**TASK GOAL**.
From the first line of the entries below through the line bearing "world=origin(), true_north=direction((0.0, 1.0)))", write out each line exactly. Omit pictures.

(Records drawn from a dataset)
**********
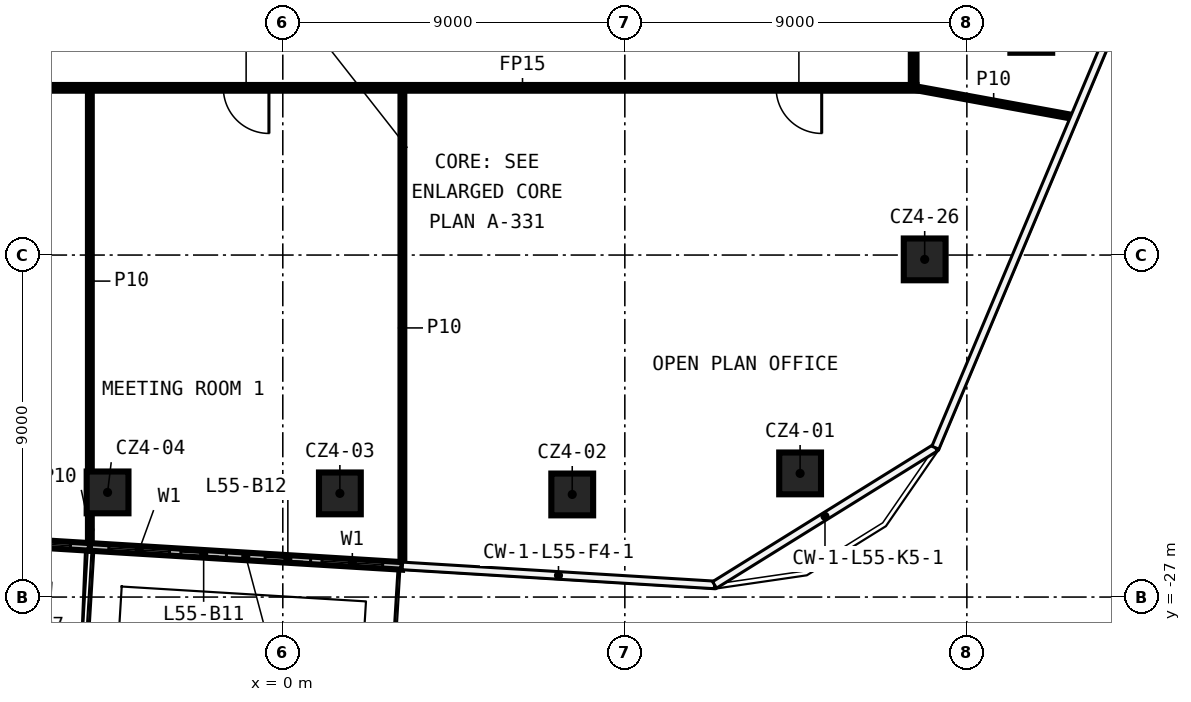
"""IFC4 building model, lengths in metres.
Left out: names, types, materials, properties, quantities, classifications, styles, units other than length and angle.
Written with IfcOpenShell. Run it as: python <this file> out.ifc"""

import sys

from ifc_helpers import new_model, si_unit, direction, frame, frame_2d, origin, origin_2d, place, context, subcontext, project, spatial, rectangle, extrude, element, fill, save


model = new_model("IFC4")
c1 = context("Model", 3, precision=1e-05, world=origin(), true_north=direction((0.0, 1.0)))
c2 = subcontext(c1, "Body", "Model", "MODEL_VIEW")
j1 = project(units=[si_unit("LENGTHUNIT", "METRE"), si_unit("PLANEANGLEUNIT", "RADIAN")], contexts=[c1])
p1 = place(None, origin())
s1 = spatial("IfcSite", under=j1, at=p1, CompositionType="ELEMENT")
p2 = place(p1, origin())
s2 = spatial("IfcBuilding", under=s1, at=p2, CompositionType="ELEMENT")
p3 = place(p2, frame((0.0, 0.0, 262.2)))
s3 = spatial("IfcBuildingStorey", under=s2, at=p3, CompositionType="ELEMENT", Elevation=262.2)
for number, where, z_axis, x_axis in (
    (1, (13.612, -23.746, 0.0), (0.0, 0.0, 1.0), (1.0, 0.0, 0.0)),
    (2, (7.616, -24.3, 0.0), (0.0, 0.0, 1.0), (1.0, 0.0, 0.0)),
    (3, (1.502, -24.272, 0.0), (0.0, 0.0, 1.0), (1.0, 0.0, 0.0)),
    (4, (-4.611, -24.246, 0.0), (0.0, 0.0, 1.0), (1.0, 0.0, 0.0)),
    (5, (19.695, -12.127, 0.0), (0.0, 0.0, 1.0), (1.0, 0.0, 0.0)),
    (6, (16.89, -18.114, 0.0), (0.0, 0.0, 1.0), (1.0, 0.0, 0.0)),
):
    element("IfcColumn", number, at=place(p3, frame(where, z_axis=z_axis, x_axis=x_axis)), inside=s3, PredefinedType="COLUMN", context=c2, shape_type="SweptSolid", body=[
        extrude(rectangle(XDim=1.1, YDim=1.1, at=origin_2d()), origin(), (0.0, 0.0, 1.0), 3.82),
    ])
p4 = place(p3, frame((16.675, -13.6, 0.0), z_axis=(0.0, 0.0, 1.0), x_axis=(-1.0, 0.0, 0.0)))
e7 = element("IfcWall", 7, at=p4, inside=s3, PredefinedType="PARTITIONING", context=c2, shape_type="SweptSolid", body=[
    extrude(rectangle(XDim=32.75, YDim=0.15, at=frame_2d((16.375, 0.0))), origin(), (0.0, 0.0, 1.0), 3.82),
])
p5 = place(p4, frame((29.587, 0.0, 0.0)))
e8 = element("IfcOpeningElement", 8, at=p5, cuts=e7, PredefinedType="OPENING", context=c2, shape_type="SweptSolid", body=[
    extrude(rectangle(XDim=1.2, YDim=2.1, at=frame_2d((0.6, 1.05))), frame((0.0, 0.085, 0.0), z_axis=(0.0, -1.0, 0.0), x_axis=(1.0, 0.0, 0.0)), (0.0, 0.0, 1.0), 0.17),
])
p6 = place(p4, frame((17.04, 0.0, 0.0)))
e9 = element("IfcOpeningElement", 9, at=p6, cuts=e7, PredefinedType="OPENING", context=c2, shape_type="SweptSolid", body=[
    extrude(rectangle(XDim=1.2, YDim=2.1, at=frame_2d((0.6, 1.05))), frame((0.0, 0.085, 0.0), z_axis=(0.0, -1.0, 0.0), x_axis=(1.0, 0.0, 0.0)), (0.0, 0.0, 1.0), 0.17),
])
p7 = place(p4, frame((2.495, 0.0, 0.0)))
e10 = element("IfcOpeningElement", 10, at=p7, cuts=e7, PredefinedType="OPENING", context=c2, shape_type="SweptSolid", body=[
    extrude(rectangle(XDim=1.2, YDim=2.1, at=frame_2d((0.6, 1.05))), frame((0.0, 0.085, 0.0), z_axis=(0.0, -1.0, 0.0), x_axis=(1.0, 0.0, 0.0)), (0.0, 0.0, 1.0), 0.17),
])
p8 = place(p3, frame((16.6, 13.525, 0.0), z_axis=(0.0, 0.0, 1.0), x_axis=(0.0, -1.0, 0.0)))
e11 = element("IfcWall", 11, at=p8, inside=s3, PredefinedType="PARTITIONING", context=c2, shape_type="SweptSolid", body=[
    extrude(rectangle(XDim=27.05, YDim=0.15, at=frame_2d((13.525, 0.0))), origin(), (0.0, 0.0, 1.0), 3.82),
])
p9 = place(p8, frame((22.559, 0.0, 0.0)))
e12 = element("IfcOpeningElement", 12, at=p9, cuts=e11, PredefinedType="OPENING", context=c2, shape_type="SweptSolid", body=[
    extrude(rectangle(XDim=1.2, YDim=2.1, at=frame_2d((0.6, 1.05))), frame((0.0, 0.085, 0.0), z_axis=(0.0, -1.0, 0.0), x_axis=(1.0, 0.0, 0.0)), (0.0, 0.0, 1.0), 0.17),
])
p10 = place(p8, frame((11.036, 0.0, 0.0)))
e13 = element("IfcOpeningElement", 13, at=p10, cuts=e11, PredefinedType="OPENING", context=c2, shape_type="SweptSolid", body=[
    extrude(rectangle(XDim=1.2, YDim=2.1, at=frame_2d((0.6, 1.05))), frame((0.0, 0.085, 0.0), z_axis=(0.0, -1.0, 0.0), x_axis=(1.0, 0.0, 0.0)), (0.0, 0.0, 1.0), 0.17),
])
p11 = place(p3, frame((3.147, -26.161, 0.0), z_axis=(0.0, 0.0, 1.0), x_axis=(0.0, 1.0, 0.0)))
e14 = element("IfcWall", 14, at=p11, inside=s3, PredefinedType="PARTITIONING", context=c2, shape_type="SweptSolid", body=[
    extrude(rectangle(XDim=12.486, YDim=0.1, at=frame_2d((6.243, 0.0))), origin(), (0.0, 0.0, 1.0), 3.82),
])
p12 = place(p3, frame((-5.077, -25.66, 0.0), z_axis=(0.0, 0.0, 1.0), x_axis=(0.0, 1.0, 0.0)))
e15 = element("IfcWall", 15, at=p12, inside=s3, PredefinedType="PARTITIONING", context=c2, shape_type="SweptSolid", body=[
    extrude(rectangle(XDim=0.864, YDim=0.1, at=frame_2d((0.432, 0.0))), origin(), (0.0, 0.0, 1.0), 3.82),
])
p13 = place(p3, frame((-5.077, -23.696, 0.0), z_axis=(0.0, 0.0, 1.0), x_axis=(0.0, 1.0, 0.0)))
e16 = element("IfcWall", 16, at=p13, inside=s3, PredefinedType="PARTITIONING", context=c2, shape_type="SweptSolid", body=[
    extrude(rectangle(XDim=10.021, YDim=0.1, at=frame_2d((5.01, 0.0))), origin(), (0.0, 0.0, 1.0), 3.82),
])
p14 = place(p3, frame((16.6, -13.6, 0.0), z_axis=(0.0, 0.0, 1.0), x_axis=(0.983699688502, -0.179819139254, 0.0)))
e17 = element("IfcWall", 17, at=p14, inside=s3, PredefinedType="PARTITIONING", context=c2, shape_type="SweptSolid", body=[
    extrude(rectangle(XDim=4.28, YDim=0.1, at=frame_2d((2.14, 0.0))), origin(), (0.0, 0.0, 1.0), 3.82),
])
p15 = place(p3, frame((-5.077, -25.68, 0.0), z_axis=(0.0, 0.0, 1.0), x_axis=(0.998153501879, -0.060741968084, 0.0)))
e18 = element("IfcWall", 18, at=p15, inside=s3, PredefinedType="SOLIDWALL", context=c2, shape_type="SweptSolid", body=[
    extrude(rectangle(XDim=8.24, YDim=0.2, at=frame_2d((4.12, 0.0))), origin(), (0.0, 0.0, 1.0), 3.82),
])
p16 = place(p15, frame((0.5, 0.0, 0.6)))
e19 = element("IfcOpeningElement", 19, at=p16, cuts=e18, PredefinedType="OPENING", context=c2, shape_type="SweptSolid", body=[
    extrude(rectangle(XDim=1.6, YDim=2.4, at=frame_2d((0.8, 1.2))), frame((0.0, 0.11, 0.0), z_axis=(0.0, -1.0, 0.0), x_axis=(1.0, 0.0, 0.0)), (0.0, 0.0, 1.0), 0.22),
])
p17 = place(p15, frame((2.4, 0.0, 0.0)))
e20 = element("IfcOpeningElement", 20, at=p17, cuts=e18, PredefinedType="OPENING", context=c2, shape_type="SweptSolid", body=[
    extrude(rectangle(XDim=1.2, YDim=2.4, at=frame_2d((0.6, 1.2))), frame((0.0, 0.11, 0.0), z_axis=(0.0, -1.0, 0.0), x_axis=(1.0, 0.0, 0.0)), (0.0, 0.0, 1.0), 0.22),
])
p18 = place(p15, frame((6.12, 0.0, 0.6)))
e21 = element("IfcOpeningElement", 21, at=p18, cuts=e18, PredefinedType="OPENING", context=c2, shape_type="SweptSolid", body=[
    extrude(rectangle(XDim=1.6, YDim=2.4, at=frame_2d((0.8, 1.2))), frame((0.0, 0.11, 0.0), z_axis=(0.0, -1.0, 0.0), x_axis=(1.0, 0.0, 0.0)), (0.0, 0.0, 1.0), 0.22),
])
p19 = place(p15, frame((4.62, 0.0, 0.0)))
e22 = element("IfcOpeningElement", 22, at=p19, cuts=e18, PredefinedType="OPENING", context=c2, shape_type="SweptSolid", body=[
    extrude(rectangle(XDim=1.2, YDim=2.4, at=frame_2d((0.6, 1.2))), frame((0.0, 0.11, 0.0), z_axis=(0.0, -1.0, 0.0), x_axis=(1.0, 0.0, 0.0)), (0.0, 0.0, 1.0), 0.22),
])
p20 = place(p3, frame((-9.181, -25.43, 0.0), z_axis=(0.0, 0.0, 1.0), x_axis=(0.998152924564, -0.060751454178, 0.0)))
e23 = element("IfcWall", 23, at=p20, inside=s3, PredefinedType="SOLIDWALL", context=c2, shape_type="SweptSolid", body=[
    extrude(rectangle(XDim=4.111, YDim=0.2, at=frame_2d((2.056, 0.0))), origin(), (0.0, 0.0, 1.0), 3.82),
])
p21 = place(p20, frame((2.0, 0.0, 0.6)))
e24 = element("IfcOpeningElement", 24, at=p21, cuts=e23, PredefinedType="OPENING", context=c2, shape_type="SweptSolid", body=[
    extrude(rectangle(XDim=1.6, YDim=2.4, at=frame_2d((0.8, 1.2))), frame((0.0, 0.11, 0.0), z_axis=(0.0, -1.0, 0.0), x_axis=(1.0, 0.0, 0.0)), (0.0, 0.0, 1.0), 0.22),
])
p22 = place(p20, frame((0.5, 0.0, 0.0)))
e25 = element("IfcOpeningElement", 25, at=p22, cuts=e23, PredefinedType="OPENING", context=c2, shape_type="SweptSolid", body=[
    extrude(rectangle(XDim=1.2, YDim=2.4, at=frame_2d((0.6, 1.2))), frame((0.0, 0.11, 0.0), z_axis=(0.0, -1.0, 0.0), x_axis=(1.0, 0.0, 0.0)), (0.0, 0.0, 1.0), 0.22),
])
p23 = place(p6, origin())
e26 = element("IfcDoor", 26, at=p23, inside=s3, OperationType="SINGLE_SWING_LEFT", PredefinedType="DOOR", context=c2, shape_type="SweptSolid", body=[
    extrude(rectangle(XDim=1.2, YDim=2.1, at=frame_2d((0.6, 1.05))), frame((0.0, 0.025, 0.0), z_axis=(0.0, -1.0, 0.0), x_axis=(1.0, 0.0, 0.0)), (0.0, 0.0, 1.0), 0.05),
])
fill(e9, e26)
p24 = place(p7, origin())
e27 = element("IfcDoor", 27, at=p24, inside=s3, OperationType="SINGLE_SWING_RIGHT", PredefinedType="DOOR", context=c2, shape_type="SweptSolid", body=[
    extrude(rectangle(XDim=1.2, YDim=2.1, at=frame_2d((0.6, 1.05))), frame((0.0, 0.025, 0.0), z_axis=(0.0, -1.0, 0.0), x_axis=(1.0, 0.0, 0.0)), (0.0, 0.0, 1.0), 0.05),
])
fill(e10, e27)
p25 = place(p16, origin())
e28 = element("IfcWindow", 28, at=p25, inside=s3, PartitioningType="SINGLE_PANEL", PredefinedType="WINDOW", context=c2, shape_type="SweptSolid", body=[
    extrude(rectangle(XDim=1.6, YDim=2.4, at=frame_2d((0.8, 1.2))), frame((0.0, 0.03, 0.0), z_axis=(0.0, -1.0, 0.0), x_axis=(1.0, 0.0, 0.0)), (0.0, 0.0, 1.0), 0.06),
])
fill(e19, e28)
p26 = place(p17, origin())
e29 = element("IfcDoor", 29, at=p26, inside=s3, OperationType="SLIDING_TO_LEFT", PredefinedType="DOOR", context=c2, shape_type="SweptSolid", body=[
    extrude(rectangle(XDim=1.2, YDim=2.4, at=frame_2d((0.6, 1.2))), frame((0.0, 0.025, 0.0), z_axis=(0.0, -1.0, 0.0), x_axis=(1.0, 0.0, 0.0)), (0.0, 0.0, 1.0), 0.05),
])
fill(e20, e29)
p27 = place(p18, origin())
e30 = element("IfcWindow", 30, at=p27, inside=s3, PartitioningType="SINGLE_PANEL", PredefinedType="WINDOW", context=c2, shape_type="SweptSolid", body=[
    extrude(rectangle(XDim=1.6, YDim=2.4, at=frame_2d((0.8, 1.2))), frame((0.0, 0.03, 0.0), z_axis=(0.0, -1.0, 0.0), x_axis=(1.0, 0.0, 0.0)), (0.0, 0.0, 1.0), 0.06),
])
fill(e21, e30)
p28 = place(p19, origin())
e31 = element("IfcDoor", 31, at=p28, inside=s3, OperationType="SLIDING_TO_LEFT", PredefinedType="DOOR", context=c2, shape_type="SweptSolid", body=[
    extrude(rectangle(XDim=1.2, YDim=2.4, at=frame_2d((0.6, 1.2))), frame((0.0, 0.025, 0.0), z_axis=(0.0, -1.0, 0.0), x_axis=(1.0, 0.0, 0.0)), (0.0, 0.0, 1.0), 0.05),
])
fill(e22, e31)
p29 = place(p21, origin())
e32 = element("IfcWindow", 32, at=p29, inside=s3, PartitioningType="SINGLE_PANEL", PredefinedType="WINDOW", context=c2, shape_type="SweptSolid", body=[
    extrude(rectangle(XDim=1.6, YDim=2.4, at=frame_2d((0.8, 1.2))), frame((0.0, 0.03, 0.0), z_axis=(0.0, -1.0, 0.0), x_axis=(1.0, 0.0, 0.0)), (0.0, 0.0, 1.0), 0.06),
])
fill(e24, e32)
save(model, sys.argv[1])
**********
**TASK SOLUTION**.
"""IFC4 building model, lengths in metres.
Left out: names, types, materials, properties, quantities, classifications, styles, units other than length and angle.
Written with IfcOpenShell. Run it as: python <this file> out.ifc"""

import sys

from ifc_helpers import new_model, si_unit, direction, frame, frame_2d, origin, origin_2d, place, context, subcontext, project, spatial, rectangle, extrude, element, fill, save


model = new_model("IFC4")
c1 = context("Model", 3, precision=1e-05, world=origin(), true_north=direction((0.0, 1.0)))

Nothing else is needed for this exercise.